Records for this exercise Start Marker
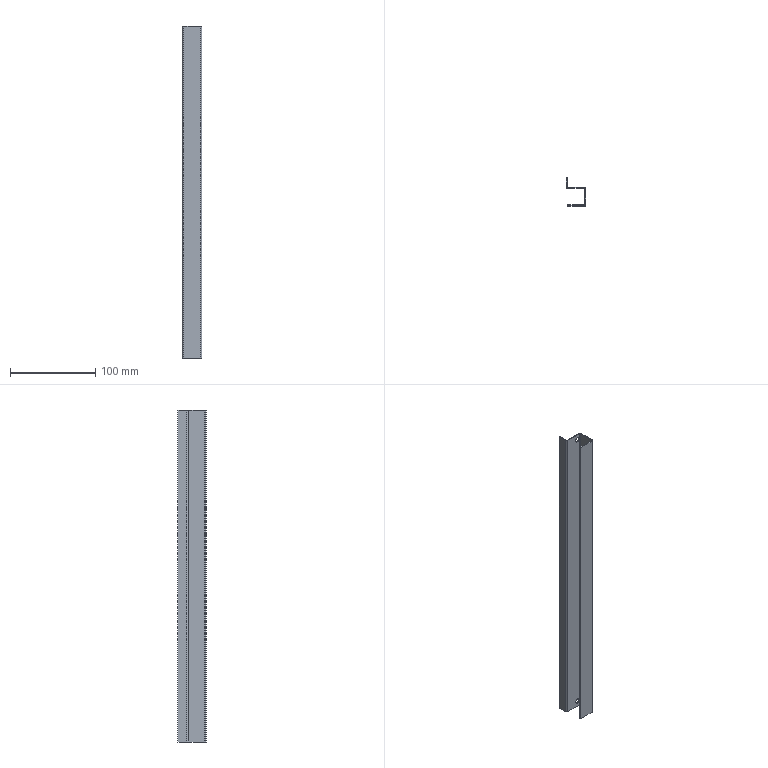Component | SolidWorks | CCQ-1.1-12LowerBeam2-2 | 1 solid | 34 faces | box 23 x 33 x 390 mm | volume 28572 mm3 | plane 24 | cylinder 10 | commonest cylinder face diameters 6 x4 1.473 x3 3.473 x3 | material 304
STEP:
#1=COLOUR_RGB('',0.7922,0.8196,0.9333);
#2=FILL_AREA_STYLE_COLOUR('',#1);
#3=FILL_AREA_STYLE('',(#2));
#4=SURFACE_STYLE_FILL_AREA(#3);
#5=SURFACE_SIDE_STYLE('',(#4));
#6=SURFACE_STYLE_USAGE(.BOTH.,#5);
#7=PRESENTATION_STYLE_ASSIGNMENT((#6));
#8=CARTESIAN_POINT('',(1.496,-17.185,-15.079));
#9=VERTEX_POINT('',#8);
#10=CARTESIAN_POINT('',(1.26,-17.185,-15.079));
#11=VERTEX_POINT('',#10);
#12=CARTESIAN_POINT('',(1.378,-17.185,-15.079));
#13=DIRECTION('',(0.,-1.,-0.));
#14=DIRECTION('',(-1.,0.,0.));
#15=AXIS2_PLACEMENT_3D('',#12,#13,#14);
#16=CIRCLE('',#15,0.1181);
#17=EDGE_CURVE('',#9,#11,#16,.T.);
#18=ORIENTED_EDGE('',*,*,#17,.T.);
#19=CARTESIAN_POINT('',(1.26,-17.146,-15.079));
#20=VERTEX_POINT('',#19);
#21=CARTESIAN_POINT('',(1.26,-17.539,-15.079));
#22=DIRECTION('',(-0.,1.,0.));
#23=VECTOR('',#22,39.37);
#24=LINE('',#21,#23);
#25=EDGE_CURVE('',#11,#20,#24,.T.);
#26=ORIENTED_EDGE('',*,*,#25,.T.);
#27=CARTESIAN_POINT('',(1.496,-17.146,-15.079));
#28=VERTEX_POINT('',#27);
#29=CARTESIAN_POINT('',(1.378,-17.146,-15.079));
#30=DIRECTION('',(-0.,1.,0.));
#31=DIRECTION('',(-1.,0.,0.));
#32=AXIS2_PLACEMENT_3D('',#29,#30,#31);
#33=CIRCLE('',#32,0.1181);
#34=EDGE_CURVE('',#20,#28,#33,.T.);
#35=ORIENTED_EDGE('',*,*,#34,.T.);
#36=CARTESIAN_POINT('',(1.496,-17.539,-15.079));
#37=DIRECTION('',(-0.,1.,0.));
#38=VECTOR('',#37,39.37);
#39=LINE('',#36,#38);
#40=EDGE_CURVE('',#9,#28,#39,.T.);
#41=ORIENTED_EDGE('',*,*,#40,.F.);
#42=EDGE_LOOP('',(#18,#26,#35,#41));
#43=FACE_OUTER_BOUND('',#42,.T.);
#44=CARTESIAN_POINT('',(1.378,-17.539,-15.079));
#45=DIRECTION('',(-0.,1.,0.));
#46=DIRECTION('',(1.,0.,0.));
#47=AXIS2_PLACEMENT_3D('',#44,#45,#46);
#48=CYLINDRICAL_SURFACE('',#47,0.1181);
#49=ADVANCED_FACE('',(#43),#48,.F.);
#50=CARTESIAN_POINT('',(1.496,-17.185,-0.2756));
#51=VERTEX_POINT('',#50);
#52=CARTESIAN_POINT('',(1.26,-17.185,-0.2756));
#53=VERTEX_POINT('',#52);
#54=CARTESIAN_POINT('',(1.378,-17.185,-0.2756));
#55=DIRECTION('',(0.,-1.,-0.));
#56=DIRECTION('',(-1.,0.,0.));
#57=AXIS2_PLACEMENT_3D('',#54,#55,#56);
#58=CIRCLE('',#57,0.1181);
#59=EDGE_CURVE('',#51,#53,#58,.T.);
#60=ORIENTED_EDGE('',*,*,#59,.T.);
#61=CARTESIAN_POINT('',(1.26,-17.146,-0.2756));
#62=VERTEX_POINT('',#61);
#63=CARTESIAN_POINT('',(1.26,-17.539,-0.2756));
#64=DIRECTION('',(-0.,1.,0.));
#65=VECTOR('',#64,39.37);
#66=LINE('',#63,#65);
#67=EDGE_CURVE('',#53,#62,#66,.T.);
#68=ORIENTED_EDGE('',*,*,#67,.T.);
#69=CARTESIAN_POINT('',(1.496,-17.146,-0.2756));
#70=VERTEX_POINT('',#69);
#71=CARTESIAN_POINT('',(1.378,-17.146,-0.2756));
#72=DIRECTION('',(-0.,1.,0.));
#73=DIRECTION('',(1.,0.,0.));
#74=AXIS2_PLACEMENT_3D('',#71,#72,#73);
#75=CIRCLE('',#74,0.1181);
#76=EDGE_CURVE('',#62,#70,#75,.T.);
#77=ORIENTED_EDGE('',*,*,#76,.T.);
#78=CARTESIAN_POINT('',(1.496,-17.539,-0.2756));
#79=DIRECTION('',(-0.,1.,0.));
#80=VECTOR('',#79,39.37);
#81=LINE('',#78,#80);
#82=EDGE_CURVE('',#51,#70,#81,.T.);
#83=ORIENTED_EDGE('',*,*,#82,.F.);
#84=EDGE_LOOP('',(#60,#68,#77,#83));
#85=FACE_OUTER_BOUND('',#84,.T.);
#86=CARTESIAN_POINT('',(1.378,-17.539,-0.2756));
#87=DIRECTION('',(-0.,1.,0.));
#88=DIRECTION('',(1.,0.,0.));
#89=AXIS2_PLACEMENT_3D('',#86,#87,#88);
#90=CYLINDRICAL_SURFACE('',#89,0.1181);
#91=ADVANCED_FACE('',(#85),#90,.F.);
#92=CARTESIAN_POINT('',(0.7377,-17.185,-15.354));
#93=VERTEX_POINT('',#92);
#94=CARTESIAN_POINT('',(0.7377,-17.146,-15.354));
#95=VERTEX_POINT('',#94);
#96=CARTESIAN_POINT('',(0.7377,-17.185,-15.354));
#97=DIRECTION('',(-0.,1.,0.));
#98=VECTOR('',#97,39.37);
#99=LINE('',#96,#98);
#100=EDGE_CURVE('',#93,#95,#99,.T.);
#101=ORIENTED_EDGE('',*,*,#100,.F.);
#102=CARTESIAN_POINT('',(0.6693,-17.117,-15.354));
#103=VERTEX_POINT('',#102);
#104=CARTESIAN_POINT('',(0.7377,-17.117,-15.354));
#105=DIRECTION('',(0.,0.,1.));
#106=DIRECTION('',(-1.,0.,0.));
#107=AXIS2_PLACEMENT_3D('',#104,#105,#106);
#108=CIRCLE('',#107,0.06837);
#109=EDGE_CURVE('',#103,#93,#108,.T.);
#110=ORIENTED_EDGE('',*,*,#109,.F.);
#111=CARTESIAN_POINT('',(0.7087,-17.117,-15.354));
#112=VERTEX_POINT('',#111);
#113=CARTESIAN_POINT('',(0.7087,-17.117,-15.354));
#114=DIRECTION('',(-1.,0.,-0.));
#115=VECTOR('',#114,39.37);
#116=LINE('',#113,#115);
#117=EDGE_CURVE('',#112,#103,#116,.T.);
#118=ORIENTED_EDGE('',*,*,#117,.F.);
#119=CARTESIAN_POINT('',(0.7377,-17.117,-15.354));
#120=DIRECTION('',(0.,0.,1.));
#121=DIRECTION('',(-1.,0.,0.));
#122=AXIS2_PLACEMENT_3D('',#119,#120,#121);
#123=CIRCLE('',#122,0.029);
#124=EDGE_CURVE('',#112,#95,#123,.T.);
#125=ORIENTED_EDGE('',*,*,#124,.T.);
#126=EDGE_LOOP('',(#101,#110,#118,#125));
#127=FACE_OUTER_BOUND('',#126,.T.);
Records for this exercise End Marker
## Task prompt:
Using the entries above, extract exactly the span from the line with "#109=EDGE_CURVE('',#103,#93,#108,.T.);" to the line with "#118=ORIENTED_EDGE('',*,*,#117,.F.);", both lines included; leave out everything else.

## Reply to the exercise:
#109=EDGE_CURVE('',#103,#93,#108,.T.);
#110=ORIENTED_EDGE('',*,*,#109,.F.);
#111=CARTESIAN_POINT('',(0.7087,-17.117,-15.354));
#112=VERTEX_POINT('',#111);
#113=CARTESIAN_POINT('',(0.7087,-17.117,-15.354));
#114=DIRECTION('',(-1.,0.,-0.));
#115=VECTOR('',#114,39.37);
#116=LINE('',#113,#115);
#117=EDGE_CURVE('',#112,#103,#116,.T.);
#118=ORIENTED_EDGE('',*,*,#117,.F.);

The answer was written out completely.